Scan the records for the string "where". State how many lines contain it and add nothing.
*** Data to use Section Begins ***
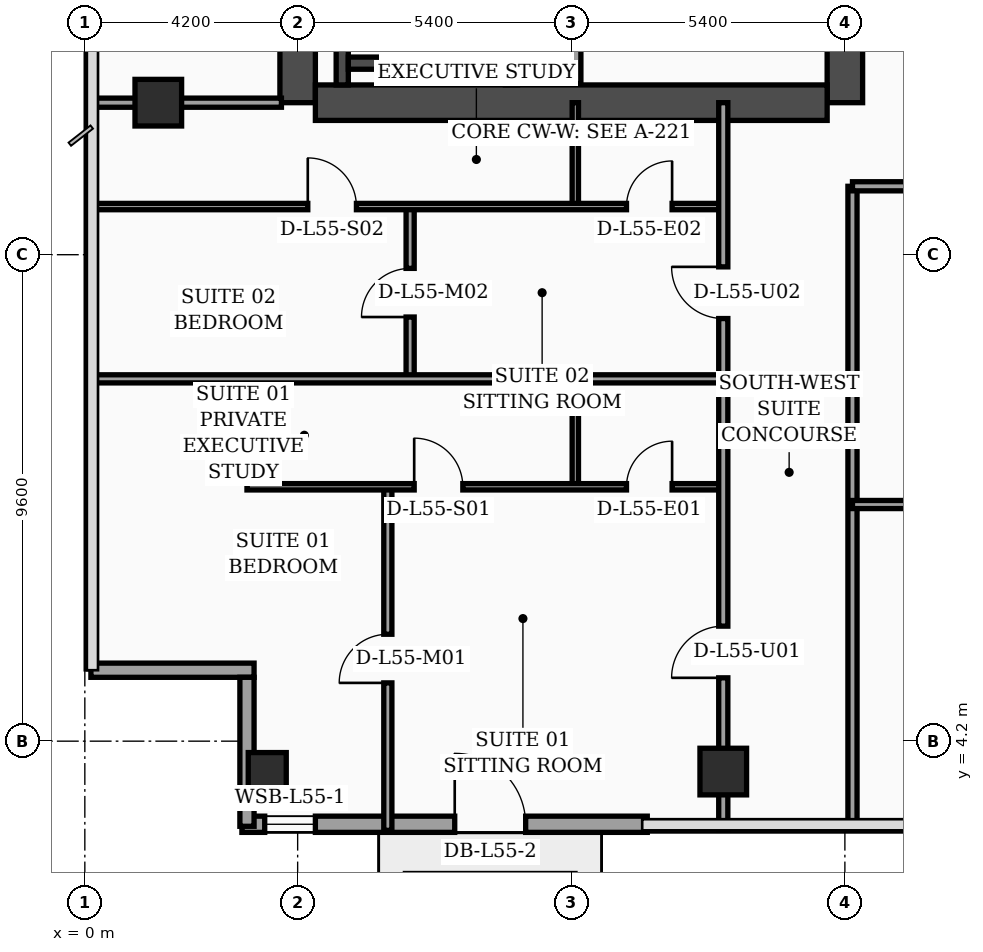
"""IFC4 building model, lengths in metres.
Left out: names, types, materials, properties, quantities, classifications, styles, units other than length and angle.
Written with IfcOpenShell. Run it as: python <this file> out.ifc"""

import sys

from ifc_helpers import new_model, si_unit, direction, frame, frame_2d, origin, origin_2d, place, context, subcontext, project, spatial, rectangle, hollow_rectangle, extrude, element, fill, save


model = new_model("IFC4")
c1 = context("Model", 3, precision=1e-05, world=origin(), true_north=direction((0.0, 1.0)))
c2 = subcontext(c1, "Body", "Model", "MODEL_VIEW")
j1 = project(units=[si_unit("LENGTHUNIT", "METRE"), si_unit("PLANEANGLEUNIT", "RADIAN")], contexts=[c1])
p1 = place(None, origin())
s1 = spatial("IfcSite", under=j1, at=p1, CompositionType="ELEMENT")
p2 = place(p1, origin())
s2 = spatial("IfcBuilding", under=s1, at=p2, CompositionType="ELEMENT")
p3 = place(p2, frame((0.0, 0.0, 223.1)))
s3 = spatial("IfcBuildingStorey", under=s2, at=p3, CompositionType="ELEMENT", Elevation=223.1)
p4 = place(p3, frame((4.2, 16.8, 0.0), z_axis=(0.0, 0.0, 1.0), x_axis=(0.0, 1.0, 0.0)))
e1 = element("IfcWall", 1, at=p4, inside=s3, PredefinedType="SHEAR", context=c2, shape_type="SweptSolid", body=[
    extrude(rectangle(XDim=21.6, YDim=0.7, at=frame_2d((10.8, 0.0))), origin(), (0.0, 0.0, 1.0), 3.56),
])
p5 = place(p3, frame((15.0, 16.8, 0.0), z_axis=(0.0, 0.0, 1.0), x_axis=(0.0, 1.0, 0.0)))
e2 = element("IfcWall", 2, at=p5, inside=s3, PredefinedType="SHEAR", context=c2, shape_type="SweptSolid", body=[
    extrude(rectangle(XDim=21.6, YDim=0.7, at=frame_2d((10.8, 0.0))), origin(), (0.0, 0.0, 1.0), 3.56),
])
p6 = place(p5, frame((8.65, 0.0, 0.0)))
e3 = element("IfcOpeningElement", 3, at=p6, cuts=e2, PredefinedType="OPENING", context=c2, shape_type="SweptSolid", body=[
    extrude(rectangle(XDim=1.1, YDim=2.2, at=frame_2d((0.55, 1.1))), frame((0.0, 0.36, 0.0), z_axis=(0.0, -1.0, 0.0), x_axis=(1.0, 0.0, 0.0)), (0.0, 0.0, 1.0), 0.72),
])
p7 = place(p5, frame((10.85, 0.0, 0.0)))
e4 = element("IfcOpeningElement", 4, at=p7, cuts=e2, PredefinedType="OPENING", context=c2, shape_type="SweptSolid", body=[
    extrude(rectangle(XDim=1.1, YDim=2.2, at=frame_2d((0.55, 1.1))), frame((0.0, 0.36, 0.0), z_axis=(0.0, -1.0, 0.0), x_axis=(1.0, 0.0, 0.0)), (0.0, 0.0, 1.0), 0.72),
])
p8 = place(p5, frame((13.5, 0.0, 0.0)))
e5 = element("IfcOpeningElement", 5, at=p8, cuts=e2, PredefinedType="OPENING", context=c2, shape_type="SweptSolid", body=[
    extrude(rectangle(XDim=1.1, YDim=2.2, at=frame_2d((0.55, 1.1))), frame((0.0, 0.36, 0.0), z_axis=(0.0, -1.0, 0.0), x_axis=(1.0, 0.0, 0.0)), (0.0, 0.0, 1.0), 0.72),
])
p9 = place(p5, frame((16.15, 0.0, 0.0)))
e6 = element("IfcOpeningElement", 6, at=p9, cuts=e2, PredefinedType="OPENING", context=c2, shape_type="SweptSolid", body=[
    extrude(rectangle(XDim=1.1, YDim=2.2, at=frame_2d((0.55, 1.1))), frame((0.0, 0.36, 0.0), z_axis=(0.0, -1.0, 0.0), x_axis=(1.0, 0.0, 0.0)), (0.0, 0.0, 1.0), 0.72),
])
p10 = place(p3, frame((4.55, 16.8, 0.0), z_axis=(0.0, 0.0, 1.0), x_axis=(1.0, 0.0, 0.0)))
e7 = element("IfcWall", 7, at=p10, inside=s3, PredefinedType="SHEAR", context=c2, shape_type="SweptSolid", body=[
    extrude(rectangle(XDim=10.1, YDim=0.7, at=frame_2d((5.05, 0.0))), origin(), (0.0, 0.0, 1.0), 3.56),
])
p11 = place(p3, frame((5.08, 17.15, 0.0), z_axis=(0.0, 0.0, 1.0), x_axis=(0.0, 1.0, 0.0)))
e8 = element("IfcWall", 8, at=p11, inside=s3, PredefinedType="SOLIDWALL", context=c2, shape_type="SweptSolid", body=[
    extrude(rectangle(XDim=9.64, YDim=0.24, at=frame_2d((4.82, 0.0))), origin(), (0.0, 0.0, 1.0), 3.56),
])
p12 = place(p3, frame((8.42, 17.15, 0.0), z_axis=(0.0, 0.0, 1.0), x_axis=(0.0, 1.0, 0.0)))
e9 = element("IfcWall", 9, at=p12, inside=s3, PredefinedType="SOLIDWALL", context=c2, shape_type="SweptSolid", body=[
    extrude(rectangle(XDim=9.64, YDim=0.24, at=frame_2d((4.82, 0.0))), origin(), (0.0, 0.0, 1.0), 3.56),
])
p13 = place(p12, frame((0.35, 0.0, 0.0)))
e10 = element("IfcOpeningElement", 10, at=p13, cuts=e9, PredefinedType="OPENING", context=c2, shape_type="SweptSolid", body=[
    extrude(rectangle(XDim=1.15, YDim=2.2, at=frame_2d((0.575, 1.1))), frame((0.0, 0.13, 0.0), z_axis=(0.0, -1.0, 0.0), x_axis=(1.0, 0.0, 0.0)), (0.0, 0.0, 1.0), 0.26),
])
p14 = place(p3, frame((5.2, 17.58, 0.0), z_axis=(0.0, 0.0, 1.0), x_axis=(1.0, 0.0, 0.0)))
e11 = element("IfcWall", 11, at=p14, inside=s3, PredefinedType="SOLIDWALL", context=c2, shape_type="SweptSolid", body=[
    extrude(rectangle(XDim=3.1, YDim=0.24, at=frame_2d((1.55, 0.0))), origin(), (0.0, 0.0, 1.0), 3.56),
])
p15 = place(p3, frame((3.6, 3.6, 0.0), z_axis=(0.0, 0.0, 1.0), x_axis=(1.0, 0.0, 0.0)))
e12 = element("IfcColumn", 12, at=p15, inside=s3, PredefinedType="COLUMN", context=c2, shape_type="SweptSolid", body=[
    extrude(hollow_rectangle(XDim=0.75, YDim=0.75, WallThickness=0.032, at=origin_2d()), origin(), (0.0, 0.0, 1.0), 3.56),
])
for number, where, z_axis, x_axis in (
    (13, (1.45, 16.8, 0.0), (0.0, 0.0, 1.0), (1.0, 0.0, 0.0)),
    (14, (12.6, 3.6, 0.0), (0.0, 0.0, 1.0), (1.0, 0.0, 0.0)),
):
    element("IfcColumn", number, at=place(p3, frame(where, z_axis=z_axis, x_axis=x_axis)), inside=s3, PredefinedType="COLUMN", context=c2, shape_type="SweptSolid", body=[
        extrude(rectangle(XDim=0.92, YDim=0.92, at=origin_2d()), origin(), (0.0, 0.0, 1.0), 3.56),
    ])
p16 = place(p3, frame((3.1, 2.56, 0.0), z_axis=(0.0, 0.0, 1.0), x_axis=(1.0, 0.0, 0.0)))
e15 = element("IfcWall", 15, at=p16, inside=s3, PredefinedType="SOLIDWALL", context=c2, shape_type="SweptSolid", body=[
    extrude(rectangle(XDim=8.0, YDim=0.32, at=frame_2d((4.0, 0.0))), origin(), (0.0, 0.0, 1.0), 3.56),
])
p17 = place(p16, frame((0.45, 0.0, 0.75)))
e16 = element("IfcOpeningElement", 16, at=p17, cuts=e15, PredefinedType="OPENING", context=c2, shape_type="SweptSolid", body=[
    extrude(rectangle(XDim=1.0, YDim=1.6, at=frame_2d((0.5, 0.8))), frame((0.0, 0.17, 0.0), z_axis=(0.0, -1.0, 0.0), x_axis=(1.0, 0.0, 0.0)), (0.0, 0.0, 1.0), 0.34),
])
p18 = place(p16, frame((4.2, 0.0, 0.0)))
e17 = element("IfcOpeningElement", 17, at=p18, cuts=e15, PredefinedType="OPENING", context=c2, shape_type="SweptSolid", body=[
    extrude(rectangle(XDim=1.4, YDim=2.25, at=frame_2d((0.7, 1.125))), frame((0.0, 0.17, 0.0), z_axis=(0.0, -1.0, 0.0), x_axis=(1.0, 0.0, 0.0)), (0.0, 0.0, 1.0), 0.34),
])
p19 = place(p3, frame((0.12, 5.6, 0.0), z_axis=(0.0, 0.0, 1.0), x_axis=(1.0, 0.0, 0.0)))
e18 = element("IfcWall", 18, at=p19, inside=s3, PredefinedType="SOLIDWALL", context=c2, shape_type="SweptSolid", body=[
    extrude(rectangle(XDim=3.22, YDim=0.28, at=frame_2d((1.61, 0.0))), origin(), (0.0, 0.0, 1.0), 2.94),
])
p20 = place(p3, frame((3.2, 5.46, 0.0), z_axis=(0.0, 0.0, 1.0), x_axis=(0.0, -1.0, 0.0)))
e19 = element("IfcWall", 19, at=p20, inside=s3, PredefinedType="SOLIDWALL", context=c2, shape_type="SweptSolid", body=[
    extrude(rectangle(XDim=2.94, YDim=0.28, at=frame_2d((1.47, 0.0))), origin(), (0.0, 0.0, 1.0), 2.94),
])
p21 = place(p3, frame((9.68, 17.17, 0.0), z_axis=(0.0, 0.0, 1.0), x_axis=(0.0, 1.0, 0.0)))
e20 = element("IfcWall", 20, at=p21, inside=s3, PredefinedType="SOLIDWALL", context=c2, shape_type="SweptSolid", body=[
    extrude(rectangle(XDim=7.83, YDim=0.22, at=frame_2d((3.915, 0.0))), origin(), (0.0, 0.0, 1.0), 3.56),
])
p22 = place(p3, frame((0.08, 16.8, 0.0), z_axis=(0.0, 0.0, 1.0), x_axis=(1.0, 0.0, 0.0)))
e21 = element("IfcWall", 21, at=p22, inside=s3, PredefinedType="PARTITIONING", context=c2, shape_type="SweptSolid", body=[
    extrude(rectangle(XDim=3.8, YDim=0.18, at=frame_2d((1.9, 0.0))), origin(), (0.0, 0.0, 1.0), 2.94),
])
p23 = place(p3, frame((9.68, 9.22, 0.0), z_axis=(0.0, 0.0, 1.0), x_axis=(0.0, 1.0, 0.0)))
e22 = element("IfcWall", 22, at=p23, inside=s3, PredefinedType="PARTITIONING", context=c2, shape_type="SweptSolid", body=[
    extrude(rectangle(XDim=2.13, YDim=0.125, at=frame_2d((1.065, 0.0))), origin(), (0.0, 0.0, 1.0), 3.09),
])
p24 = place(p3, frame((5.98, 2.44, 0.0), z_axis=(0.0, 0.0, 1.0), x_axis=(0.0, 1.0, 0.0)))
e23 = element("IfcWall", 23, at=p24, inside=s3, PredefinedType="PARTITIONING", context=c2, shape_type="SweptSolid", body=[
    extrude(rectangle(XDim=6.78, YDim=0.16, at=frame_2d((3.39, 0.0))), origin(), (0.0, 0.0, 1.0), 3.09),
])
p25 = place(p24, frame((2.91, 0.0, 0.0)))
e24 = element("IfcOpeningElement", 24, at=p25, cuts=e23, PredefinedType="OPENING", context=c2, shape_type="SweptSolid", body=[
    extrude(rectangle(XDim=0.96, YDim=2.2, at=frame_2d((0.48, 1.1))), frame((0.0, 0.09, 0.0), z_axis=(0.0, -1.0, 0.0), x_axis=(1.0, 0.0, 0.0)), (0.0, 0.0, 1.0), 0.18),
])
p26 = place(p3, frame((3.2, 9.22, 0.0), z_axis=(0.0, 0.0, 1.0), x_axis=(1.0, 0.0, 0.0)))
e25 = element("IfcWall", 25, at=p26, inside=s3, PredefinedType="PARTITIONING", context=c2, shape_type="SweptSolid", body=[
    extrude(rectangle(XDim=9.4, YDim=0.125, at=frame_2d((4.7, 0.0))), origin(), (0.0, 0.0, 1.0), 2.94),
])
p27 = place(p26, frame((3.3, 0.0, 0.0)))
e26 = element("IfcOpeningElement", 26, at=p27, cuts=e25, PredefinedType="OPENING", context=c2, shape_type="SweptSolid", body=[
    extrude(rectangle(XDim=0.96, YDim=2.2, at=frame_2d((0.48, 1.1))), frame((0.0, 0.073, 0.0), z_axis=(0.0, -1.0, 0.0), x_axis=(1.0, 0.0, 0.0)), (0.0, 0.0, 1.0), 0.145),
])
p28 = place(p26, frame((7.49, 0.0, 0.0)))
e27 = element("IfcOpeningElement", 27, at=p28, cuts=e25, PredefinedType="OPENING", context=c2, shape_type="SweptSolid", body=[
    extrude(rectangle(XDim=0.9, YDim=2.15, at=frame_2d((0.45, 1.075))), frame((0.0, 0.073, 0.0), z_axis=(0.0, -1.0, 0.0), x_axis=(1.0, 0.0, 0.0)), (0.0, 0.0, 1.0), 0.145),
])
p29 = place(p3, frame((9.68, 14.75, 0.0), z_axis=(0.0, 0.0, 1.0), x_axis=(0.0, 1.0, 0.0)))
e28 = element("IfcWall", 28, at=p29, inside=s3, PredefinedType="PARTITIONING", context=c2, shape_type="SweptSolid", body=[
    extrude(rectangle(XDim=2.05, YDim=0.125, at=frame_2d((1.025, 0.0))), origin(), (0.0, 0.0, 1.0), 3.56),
*** Data to use Section Ends ***
## Your solution
2